__Task brief__
Identify each line in the records below that contains the word "CompositionType", and copy it.

[Data entries]
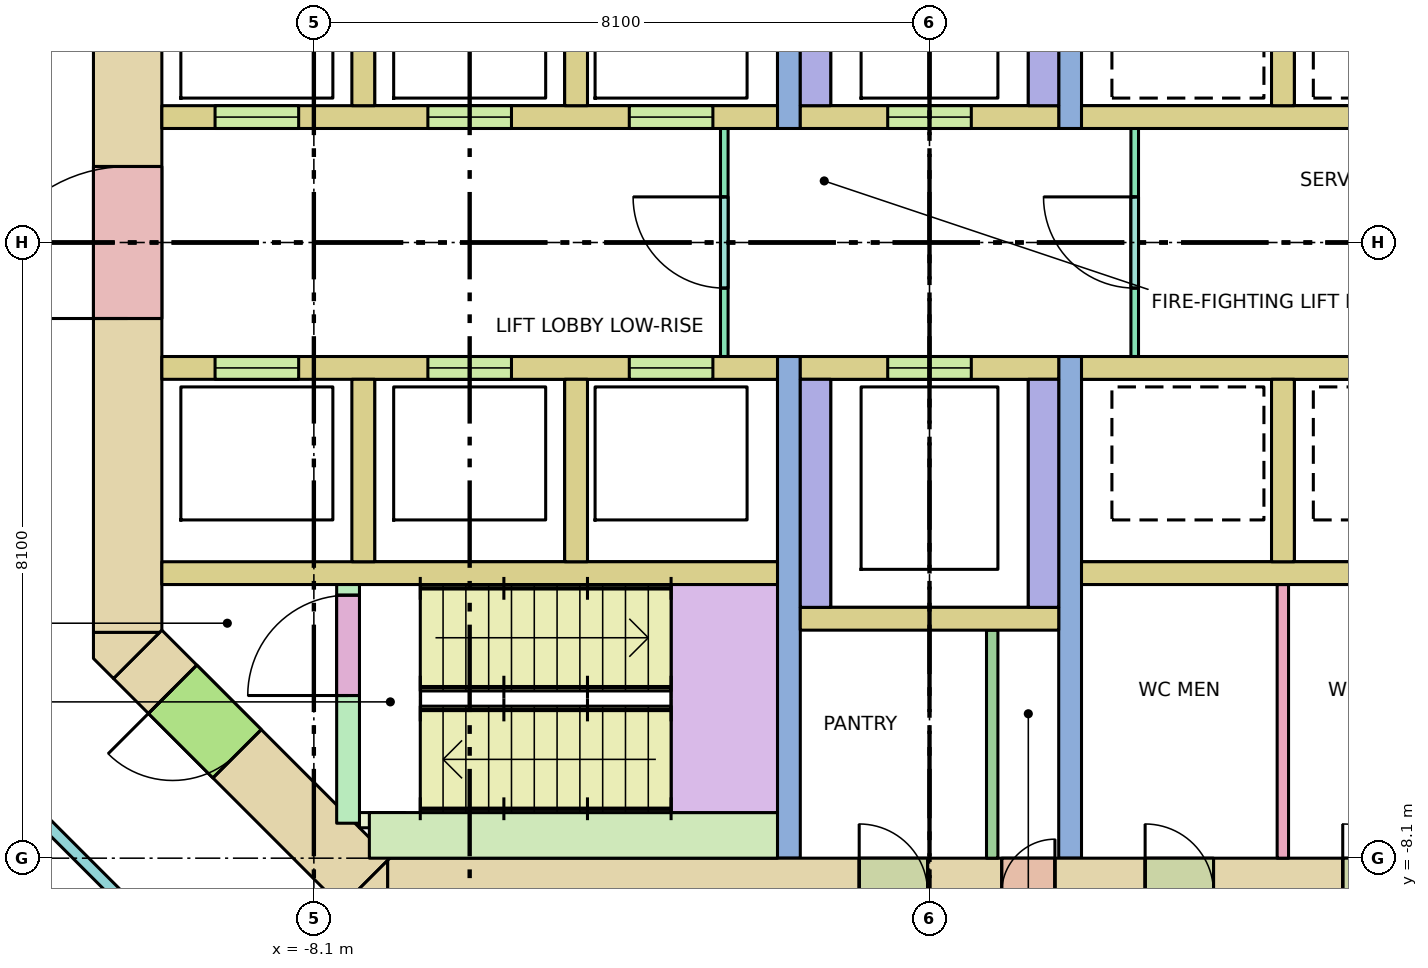
"""IFC4 building model, lengths in metres.
Left out: names, types, materials, properties, quantities, classifications, styles, units other than length and angle.
Written with IfcOpenShell. Run it as: python <this file> out.ifc"""

import sys

from ifc_helpers import new_model, si_unit, direction, frame, frame_2d, origin, place, context, subcontext, project, spatial, polyline, rectangle, outline, extrude, element, fill, save


model = new_model("IFC4")
c1 = context("Model", 3, precision=1e-05, world=origin(), true_north=direction((0.0, 1.0)))
c2 = subcontext(c1, "Body", "Model", "MODEL_VIEW")
j1 = project(units=[si_unit("LENGTHUNIT", "METRE"), si_unit("PLANEANGLEUNIT", "RADIAN")], contexts=[c1])
p1 = place(None, origin())
s1 = spatial("IfcSite", under=j1, at=p1, CompositionType="ELEMENT")
p2 = place(p1, origin())
s2 = spatial("IfcBuilding", under=s1, at=p2, CompositionType="ELEMENT")
p3 = place(p2, frame((0.0, 0.0, 39.0)))
s3 = spatial("IfcBuildingStorey", under=s2, at=p3, CompositionType="ELEMENT", Elevation=39.0)
p4 = place(p3, frame((-7.13, -8.55, -0.28), z_axis=(0.0, 0.0, 1.0), x_axis=(1.0, 0.0, 0.0)))
e1 = element("IfcWall", 1, at=p4, inside=s3, PredefinedType="SHEAR", context=c2, shape_type="SweptSolid", body=[
    extrude(rectangle(XDim=14.26, YDim=0.9, at=frame_2d((7.13, 0.0))), origin(), (0.0, 0.0, 1.0), 4.0),
])
p5 = place(p4, frame((8.08, 0.0, 0.28)))
e2 = element("IfcOpeningElement", 2, at=p5, cuts=e1, PredefinedType="OPENING", context=c2, shape_type="SweptSolid", body=[
    extrude(rectangle(XDim=0.7, YDim=2.1, at=frame_2d((0.35, 1.05))), frame((0.0, 0.46, 0.0), z_axis=(0.0, -1.0, 0.0), x_axis=(1.0, 0.0, 0.0)), (0.0, 0.0, 1.0), 0.92),
])
p6 = place(p4, frame((6.205, 0.0, 0.28)))
e3 = element("IfcOpeningElement", 3, at=p6, cuts=e1, PredefinedType="OPENING", context=c2, shape_type="SweptSolid", body=[
    extrude(rectangle(XDim=0.9, YDim=2.1, at=frame_2d((0.45, 1.05))), frame((0.0, 0.46, 0.0), z_axis=(0.0, -1.0, 0.0), x_axis=(1.0, 0.0, 0.0)), (0.0, 0.0, 1.0), 0.92),
])
p7 = place(p4, frame((9.967, 0.0, 0.28)))
e4 = element("IfcOpeningElement", 4, at=p7, cuts=e1, PredefinedType="OPENING", context=c2, shape_type="SweptSolid", body=[
    extrude(rectangle(XDim=0.9, YDim=2.1, at=frame_2d((0.45, 1.05))), frame((0.0, 0.46, 0.0), z_axis=(0.0, -1.0, 0.0), x_axis=(1.0, 0.0, 0.0)), (0.0, 0.0, 1.0), 0.92),
])
p8 = place(p4, frame((12.567, 0.0, 0.28)))
e5 = element("IfcOpeningElement", 5, at=p8, cuts=e1, PredefinedType="OPENING", context=c2, shape_type="SweptSolid", body=[
    extrude(rectangle(XDim=0.9, YDim=2.1, at=frame_2d((0.45, 1.05))), frame((0.0, 0.46, 0.0), z_axis=(0.0, -1.0, 0.0), x_axis=(1.0, 0.0, 0.0)), (0.0, 0.0, 1.0), 0.92),
])
p9 = place(p3, frame((-10.55, -5.13, -0.28), z_axis=(0.0, 0.0, 1.0), x_axis=(0.0, 1.0, 0.0)))
e6 = element("IfcWall", 6, at=p9, inside=s3, PredefinedType="SHEAR", context=c2, shape_type="SweptSolid", body=[
    extrude(rectangle(XDim=10.26, YDim=0.9, at=frame_2d((5.13, 0.0))), origin(), (0.0, 0.0, 1.0), 4.0),
])
p10 = place(p9, frame((4.13, 0.0, 0.28)))
e7 = element("IfcOpeningElement", 7, at=p10, cuts=e6, PredefinedType="OPENING", context=c2, shape_type="SweptSolid", body=[
    extrude(rectangle(XDim=2.0, YDim=2.1, at=frame_2d((1.0, 1.05))), frame((0.0, 0.46, 0.0), z_axis=(0.0, -1.0, 0.0), x_axis=(1.0, 0.0, 0.0)), (0.0, 0.0, 1.0), 0.92),
])
p11 = place(p3, frame((-7.418, -8.418, -0.28), z_axis=(0.0, 0.0, 1.0), x_axis=(-0.707106781187, 0.707106781187, 0.0)))
e8 = element("IfcWall", 8, at=p11, inside=s3, PredefinedType="SHEAR", context=c2, shape_type="SweptSolid", body=[
    extrude(rectangle(XDim=4.243, YDim=0.9, at=frame_2d((2.121, 0.0))), origin(), (0.0, 0.0, 1.0), 4.0),
])
p12 = place(p11, frame((2.393, 0.0, 0.28)))
e9 = element("IfcOpeningElement", 9, at=p12, cuts=e8, PredefinedType="OPENING", context=c2, shape_type="SweptSolid", body=[
    extrude(rectangle(XDim=1.2, YDim=2.1, at=frame_2d((0.6, 1.05))), frame((0.0, 0.46, 0.0), z_axis=(0.0, -1.0, 0.0), x_axis=(1.0, 0.0, 0.0)), (0.0, 0.0, 1.0), 0.92),
])
p13 = place(p3, frame((0.0, 0.0, -0.28)))
e10 = element("IfcWall", 10, at=p13, inside=s3, PredefinedType="SHEAR", context=c2, shape_type="SweptSolid", body=[
    extrude(outline(polyline([(-7.473, -9.0), (-7.736, -8.736), (-7.13, -8.13), (-7.13, -9.0), (-7.473, -9.0)])), origin(), (0.0, 0.0, 1.0), 4.0),
])
p14 = place(p3, frame((0.0, 0.0, -0.28)))
e11 = element("IfcWall", 11, at=p14, inside=s3, PredefinedType="SHEAR", context=c2, shape_type="SweptSolid", body=[
    extrude(outline(polyline([(-11.0, -5.473), (-11.0, -5.13), (-10.13, -5.13), (-10.736, -5.736), (-11.0, -5.473)])), origin(), (0.0, 0.0, 1.0), 4.0),
])
for number, where, z_axis, x_axis in (
    (12, (-10.1, -4.35, 0.0), (0.0, 0.0, 1.0), (1.0, 0.0, 0.0)),
    (13, (2.0, -4.35, 0.0), (0.0, 0.0, 1.0), (1.0, 0.0, 0.0)),
):
    element("IfcWall", number, at=place(p3, frame(where, z_axis=z_axis, x_axis=x_axis)), inside=s3, PredefinedType="SOLIDWALL", context=c2, shape_type="SweptSolid", body=[
        extrude(rectangle(XDim=8.1, YDim=0.3, at=frame_2d((4.05, 0.0))), origin(), (0.0, 0.0, 1.0), 3.72),
    ])
p15 = place(p3, frame((-10.1, 1.65, 0.0), z_axis=(0.0, 0.0, 1.0), x_axis=(1.0, 0.0, 0.0)))
e14 = element("IfcWall", 14, at=p15, inside=s3, PredefinedType="SOLIDWALL", context=c2, shape_type="SweptSolid", body=[
    extrude(rectangle(XDim=8.1, YDim=0.3, at=frame_2d((4.05, 0.0))), origin(), (0.0, 0.0, 1.0), 3.72),
])
p16 = place(p15, frame((0.7, 0.0, 0.0)))
e15 = element("IfcOpeningElement", 15, at=p16, cuts=e14, PredefinedType="OPENING", context=c2, shape_type="SweptSolid", body=[
    extrude(rectangle(XDim=1.1, YDim=2.1, at=frame_2d((0.55, 1.05))), frame((0.0, 0.16, 0.0), z_axis=(0.0, -1.0, 0.0), x_axis=(1.0, 0.0, 0.0)), (0.0, 0.0, 1.0), 0.32),
])
p17 = place(p15, frame((3.5, 0.0, 0.0)))
e16 = element("IfcOpeningElement", 16, at=p17, cuts=e14, PredefinedType="OPENING", context=c2, shape_type="SweptSolid", body=[
    extrude(rectangle(XDim=1.1, YDim=2.1, at=frame_2d((0.55, 1.05))), frame((0.0, 0.16, 0.0), z_axis=(0.0, -1.0, 0.0), x_axis=(1.0, 0.0, 0.0)), (0.0, 0.0, 1.0), 0.32),
])
p18 = place(p15, frame((6.15, 0.0, 0.0)))
e17 = element("IfcOpeningElement", 17, at=p18, cuts=e14, PredefinedType="OPENING", context=c2, shape_type="SweptSolid", body=[
    extrude(rectangle(XDim=1.1, YDim=2.1, at=frame_2d((0.55, 1.05))), frame((0.0, 0.16, 0.0), z_axis=(0.0, -1.0, 0.0), x_axis=(1.0, 0.0, 0.0)), (0.0, 0.0, 1.0), 0.32),
])
p19 = place(p3, frame((-10.1, -1.65, 0.0), z_axis=(0.0, 0.0, 1.0), x_axis=(1.0, 0.0, 0.0)))
e18 = element("IfcWall", 18, at=p19, inside=s3, PredefinedType="SOLIDWALL", context=c2, shape_type="SweptSolid", body=[
    extrude(rectangle(XDim=8.1, YDim=0.3, at=frame_2d((4.05, 0.0))), origin(), (0.0, 0.0, 1.0), 3.72),
])
p20 = place(p19, frame((0.7, 0.0, 0.0)))
e19 = element("IfcOpeningElement", 19, at=p20, cuts=e18, PredefinedType="OPENING", context=c2, shape_type="SweptSolid", body=[
    extrude(rectangle(XDim=1.1, YDim=2.1, at=frame_2d((0.55, 1.05))), frame((0.0, 0.16, 0.0), z_axis=(0.0, -1.0, 0.0), x_axis=(1.0, 0.0, 0.0)), (0.0, 0.0, 1.0), 0.32),
])
p21 = place(p19, frame((3.5, 0.0, 0.0)))
e20 = element("IfcOpeningElement", 20, at=p21, cuts=e18, PredefinedType="OPENING", context=c2, shape_type="SweptSolid", body=[
    extrude(rectangle(XDim=1.1, YDim=2.1, at=frame_2d((0.55, 1.05))), frame((0.0, 0.16, 0.0), z_axis=(0.0, -1.0, 0.0), x_axis=(1.0, 0.0, 0.0)), (0.0, 0.0, 1.0), 0.32),
])
p22 = place(p19, frame((6.15, 0.0, 0.0)))
e21 = element("IfcOpeningElement", 21, at=p22, cuts=e18, PredefinedType="OPENING", context=c2, shape_type="SweptSolid", body=[
    extrude(rectangle(XDim=1.1, YDim=2.1, at=frame_2d((0.55, 1.05))), frame((0.0, 0.16, 0.0), z_axis=(0.0, -1.0, 0.0), x_axis=(1.0, 0.0, 0.0)), (0.0, 0.0, 1.0), 0.32),
])
for number, where, z_axis, x_axis in (
    (22, (2.0, 1.65, 0.0), (0.0, 0.0, 1.0), (1.0, 0.0, 0.0)),
    (23, (2.0, -1.65, 0.0), (0.0, 0.0, 1.0), (1.0, 0.0, 0.0)),
):
    element("IfcWall", number, at=place(p3, frame(where, z_axis=z_axis, x_axis=x_axis)), inside=s3, PredefinedType="SOLIDWALL", context=c2, shape_type="SweptSolid", body=[
        extrude(rectangle(XDim=8.1, YDim=0.3, at=frame_2d((4.05, 0.0))), origin(), (0.0, 0.0, 1.0), 3.72),
    ])
for number, where, z_axis, x_axis in (
    (24, (-7.45, 1.8, 0.0), (0.0, 0.0, 1.0), (0.0, 1.0, 0.0)),
    (25, (-7.45, -4.2, 0.0), (0.0, 0.0, 1.0), (0.0, 1.0, 0.0)),
    (26, (-4.65, 1.8, 0.0), (0.0, 0.0, 1.0), (0.0, 1.0, 0.0)),
    (27, (-4.65, -4.2, 0.0), (0.0, 0.0, 1.0), (0.0, 1.0, 0.0)),
    (28, (4.65, 1.8, 0.0), (0.0, 0.0, 1.0), (0.0, 1.0, 0.0)),
    (29, (4.65, -4.2, 0.0), (0.0, 0.0, 1.0), (0.0, 1.0, 0.0)),
):
    element("IfcWall", number, at=place(p3, frame(where, z_axis=z_axis, x_axis=x_axis)), inside=s3, PredefinedType="SOLIDWALL", context=c2, shape_type="SweptSolid", body=[
        extrude(rectangle(XDim=2.4, YDim=0.3, at=frame_2d((1.2, 0.0))), origin(), (0.0, 0.0, 1.0), 3.72),
    ])
for number, where, z_axis, x_axis in (
    (30, (-1.85, 1.5, 0.0), (0.0, 0.0, 1.0), (0.0, 1.0, 0.0)),
    (31, (-1.85, -8.1, 0.0), (0.0, 0.0, 1.0), (0.0, 1.0, 0.0)),
    (32, (1.85, 1.5, 0.0), (0.0, 0.0, 1.0), (0.0, 1.0, 0.0)),
    (33, (1.85, -8.1, 0.0), (0.0, 0.0, 1.0), (0.0, 1.0, 0.0)),
):
    element("IfcWall", number, at=place(p3, frame(where, z_axis=z_axis, x_axis=x_axis)), inside=s3, PredefinedType="SHEAR", context=c2, shape_type="SweptSolid", body=[
        extrude(rectangle(XDim=6.6, YDim=0.3, at=frame_2d((3.3, 0.0))), origin(), (0.0, 0.0, 1.0), 3.72),
    ])
p23 = place(p3, frame((-1.7, 1.65, 0.0), z_axis=(0.0, 0.0, 1.0), x_axis=(1.0, 0.0, 0.0)))
e34 = element("IfcWall", 34, at=p23, inside=s3, PredefinedType="SOLIDWALL", context=c2, shape_type="SweptSolid", body=[
    extrude(rectangle(XDim=3.4, YDim=0.3, at=frame_2d((1.7, 0.0))), origin(), (0.0, 0.0, 1.0), 3.72),
])
p24 = place(p23, frame((1.15, 0.0, 0.0)))
e35 = element("IfcOpeningElement", 35, at=p24, cuts=e34, PredefinedType="OPENING", context=c2, shape_type="SweptSolid", body=[
    extrude(rectangle(XDim=1.1, YDim=2.1, at=frame_2d((0.55, 1.05))), frame((0.0, 0.16, 0.0), z_axis=(0.0, -1.0, 0.0), x_axis=(1.0, 0.0, 0.0)), (0.0, 0.0, 1.0), 0.32),
])
p25 = place(p3, frame((-1.7, -1.65, 0.0), z_axis=(0.0, 0.0, 1.0), x_axis=(1.0, 0.0, 0.0)))
e36 = element("IfcWall", 36, at=p25, inside=s3, PredefinedType="SOLIDWALL", context=c2, shape_type="SweptSolid", body=[
    extrude(rectangle(XDim=3.4, YDim=0.3, at=frame_2d((1.7, 0.0))), origin(), (0.0, 0.0, 1.0), 3.72),
])
p26 = place(p25, frame((1.15, 0.0, 0.0)))
e37 = element("IfcOpeningElement", 37, at=p26, cuts=e36, PredefinedType="OPENING", context=c2, shape_type="SweptSolid", body=[
    extrude(rectangle(XDim=1.1, YDim=2.1, at=frame_2d((0.55, 1.05))), frame((0.0, 0.16, 0.0), z_axis=(0.0, -1.0, 0.0), x_axis=(1.0, 0.0, 0.0)), (0.0, 0.0, 1.0), 0.32),
])
for number, where, z_axis, x_axis in (
    (38, (-1.5, 1.8, 0.0), (0.0, 0.0, 1.0), (0.0, 1.0, 0.0)),
    (39, (-1.5, -4.8, 0.0), (0.0, 0.0, 1.0), (0.0, 1.0, 0.0)),
    (40, (1.5, 1.8, 0.0), (0.0, 0.0, 1.0), (0.0, 1.0, 0.0)),
    (41, (1.5, -4.8, 0.0), (0.0, 0.0, 1.0), (0.0, 1.0, 0.0)),
):
    element("IfcWall", number, at=place(p3, frame(where, z_axis=z_axis, x_axis=x_axis)), inside=s3, PredefinedType="SOLIDWALL", context=c2, shape_type="SweptSolid", body=[
        extrude(rectangle(XDim=3.0, YDim=0.4, at=frame_2d((1.5, 0.0))), origin(), (0.0, 0.0, 1.0), 3.72),
    ])
p27 = place(p3, frame((-1.7, -4.95, 0.0), z_axis=(0.0, 0.0, 1.0), x_axis=(1.0, 0.0, 0.0)))
e42 = element("IfcWall", 42, at=p27, inside=s3, PredefinedType="SOLIDWALL", context=c2, shape_type="SweptSolid", body=[
    extrude(rectangle(XDim=3.4, YDim=0.3, at=frame_2d((1.7, 0.0))), origin(), (0.0, 0.0, 1.0), 3.72),
])
p28 = place(p3, frame((-7.65, -7.64, 0.0), z_axis=(0.0, 0.0, 1.0), x_axis=(0.0, 1.0, 0.0)))
e43 = element("IfcWall", 43, at=p28, inside=s3, PredefinedType="SHEAR", context=c2, shape_type="SweptSolid", body=[
    extrude(rectangle(XDim=3.14, YDim=0.3, at=frame_2d((1.57, 0.0))), origin(), (0.0, 0.0, 1.0), 3.72),
])
p29 = place(p28, frame((1.68, 0.0, 0.0)))
e44 = element("IfcOpeningElement", 44, at=p29, cuts=e43, PredefinedType="OPENING", context=c2, shape_type="SweptSolid", body=[
    extrude(rectangle(XDim=1.32, YDim=2.1, at=frame_2d((0.66, 1.05))), frame((0.0, 0.16, 0.0), z_axis=(0.0, -1.0, 0.0), x_axis=(1.0, 0.0, 0.0)), (0.0, 0.0, 1.0), 0.32),
])
p30 = place(p3, frame((-7.5, -7.6, 0.0), z_axis=(0.0, 0.0, 1.0), x_axis=(1.0, 0.0, 0.0)))
e45 = element("IfcWall", 45, at=p30, inside=s3, PredefinedType="SHEAR", context=c2, shape_type="SweptSolid", body=[
    extrude(rectangle(XDim=0.6, YDim=0.2, at=frame_2d((0.3, 0.0))), origin(), (0.0, 0.0, 1.0), 3.72),
])
p31 = place(p3, frame((-7.37, -7.8, 0.0), z_axis=(0.0, 0.0, 1.0), x_axis=(1.0, 0.0, 0.0)))
e46 = element("IfcWall", 46, at=p31, inside=s3, PredefinedType="SHEAR", context=c2, shape_type="SweptSolid", body=[
    extrude(rectangle(XDim=5.37, YDim=0.6, at=frame_2d((2.685, 0.0))), origin(), (0.0, 0.0, 1.0), 3.72),
])
p32 = place(p3, frame((-2.7, -1.5, 0.0), z_axis=(0.0, 0.0, 1.0), x_axis=(0.0, 1.0, 0.0)))
e47 = element("IfcWall", 47, at=p32, inside=s3, PredefinedType="PARTITIONING", context=c2, shape_type="SweptSolid", body=[
    extrude(rectangle(XDim=3.0, YDim=0.1, at=frame_2d((1.5, 0.0))), origin(), (0.0, 0.0, 1.0), 3.72),
])
p33 = place(p32, frame((0.9, 0.0, 0.0)))
e48 = element("IfcOpeningElement", 48, at=p33, cuts=e47, PredefinedType="OPENING", context=c2, shape_type="SweptSolid", body=[
    extrude(rectangle(XDim=1.2, YDim=2.1, at=frame_2d((0.6, 1.05))), frame((0.0, 0.06, 0.0), z_axis=(0.0, -1.0, 0.0), x_axis=(1.0, 0.0, 0.0)), (0.0, 0.0, 1.0), 0.12),
])
p34 = place(p3, frame((2.7, -1.5, 0.0), z_axis=(0.0, 0.0, 1.0), x_axis=(0.0, 1.0, 0.0)))
e49 = element("IfcWall", 49, at=p34, inside=s3, PredefinedType="PARTITIONING", context=c2, shape_type="SweptSolid", body=[
    extrude(rectangle(XDim=3.0, YDim=0.1, at=frame_2d((1.5, 0.0))), origin(), (0.0, 0.0, 1.0), 3.72),
])
p35 = place(p34, frame((0.9, 0.0, 0.0)))
e50 = element("IfcOpeningElement", 50, at=p35, cuts=e49, PredefinedType="OPENING", context=c2, shape_type="SweptSolid", body=[
    extrude(rectangle(XDim=1.2, YDim=2.1, at=frame_2d((0.6, 1.05))), frame((0.0, 0.06, 0.0), z_axis=(0.0, -1.0, 0.0), x_axis=(1.0, 0.0, 0.0)), (0.0, 0.0, 1.0), 0.12),
])
p36 = place(p3, frame((0.825, -8.1, 0.0), z_axis=(0.0, 0.0, 1.0), x_axis=(0.0, 1.0, 0.0)))
e51 = element("IfcWall", 51, at=p36, inside=s3, PredefinedType="PARTITIONING", context=c2, shape_type="SweptSolid", body=[
    extrude(rectangle(XDim=3.0, YDim=0.15, at=frame_2d((1.5, 0.0))), origin(), (0.0, 0.0, 1.0), 3.72),
])
p37 = place(p3, frame((4.649, -8.1, 0.0), z_axis=(0.0, 0.0, 1.0), x_axis=(0.0, 1.0, 0.0)))
e52 = element("IfcWall", 52, at=p37, inside=s3, PredefinedType="PARTITIONING", context=c2, shape_type="SweptSolid", body=[
    extrude(rectangle(XDim=3.6, YDim=0.15, at=frame_2d((1.8, 0.0))), origin(), (0.0, 0.0, 1.0), 3.72),
])
p38 = place(p3, frame((-10.534, -8.731, 0.0), z_axis=(0.0, 0.0, 1.0), x_axis=(-0.707106781187, 0.707106781187, 0.0)))
e53 = element("IfcWall", 53, at=p38, inside=s3, PredefinedType="PARTITIONING", context=c2, shape_type="SweptSolid", body=[
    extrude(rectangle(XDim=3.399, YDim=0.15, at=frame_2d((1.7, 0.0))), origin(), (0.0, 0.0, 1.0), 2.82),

__Answer to the exercise__
s1 = spatial("IfcSite", under=j1, at=p1, CompositionType="ELEMENT")
s2 = spatial("IfcBuilding", under=s1, at=p2, CompositionType="ELEMENT")
s3 = spatial("IfcBuildingStorey", under=s2, at=p3, CompositionType="ELEMENT", Elevation=39.0)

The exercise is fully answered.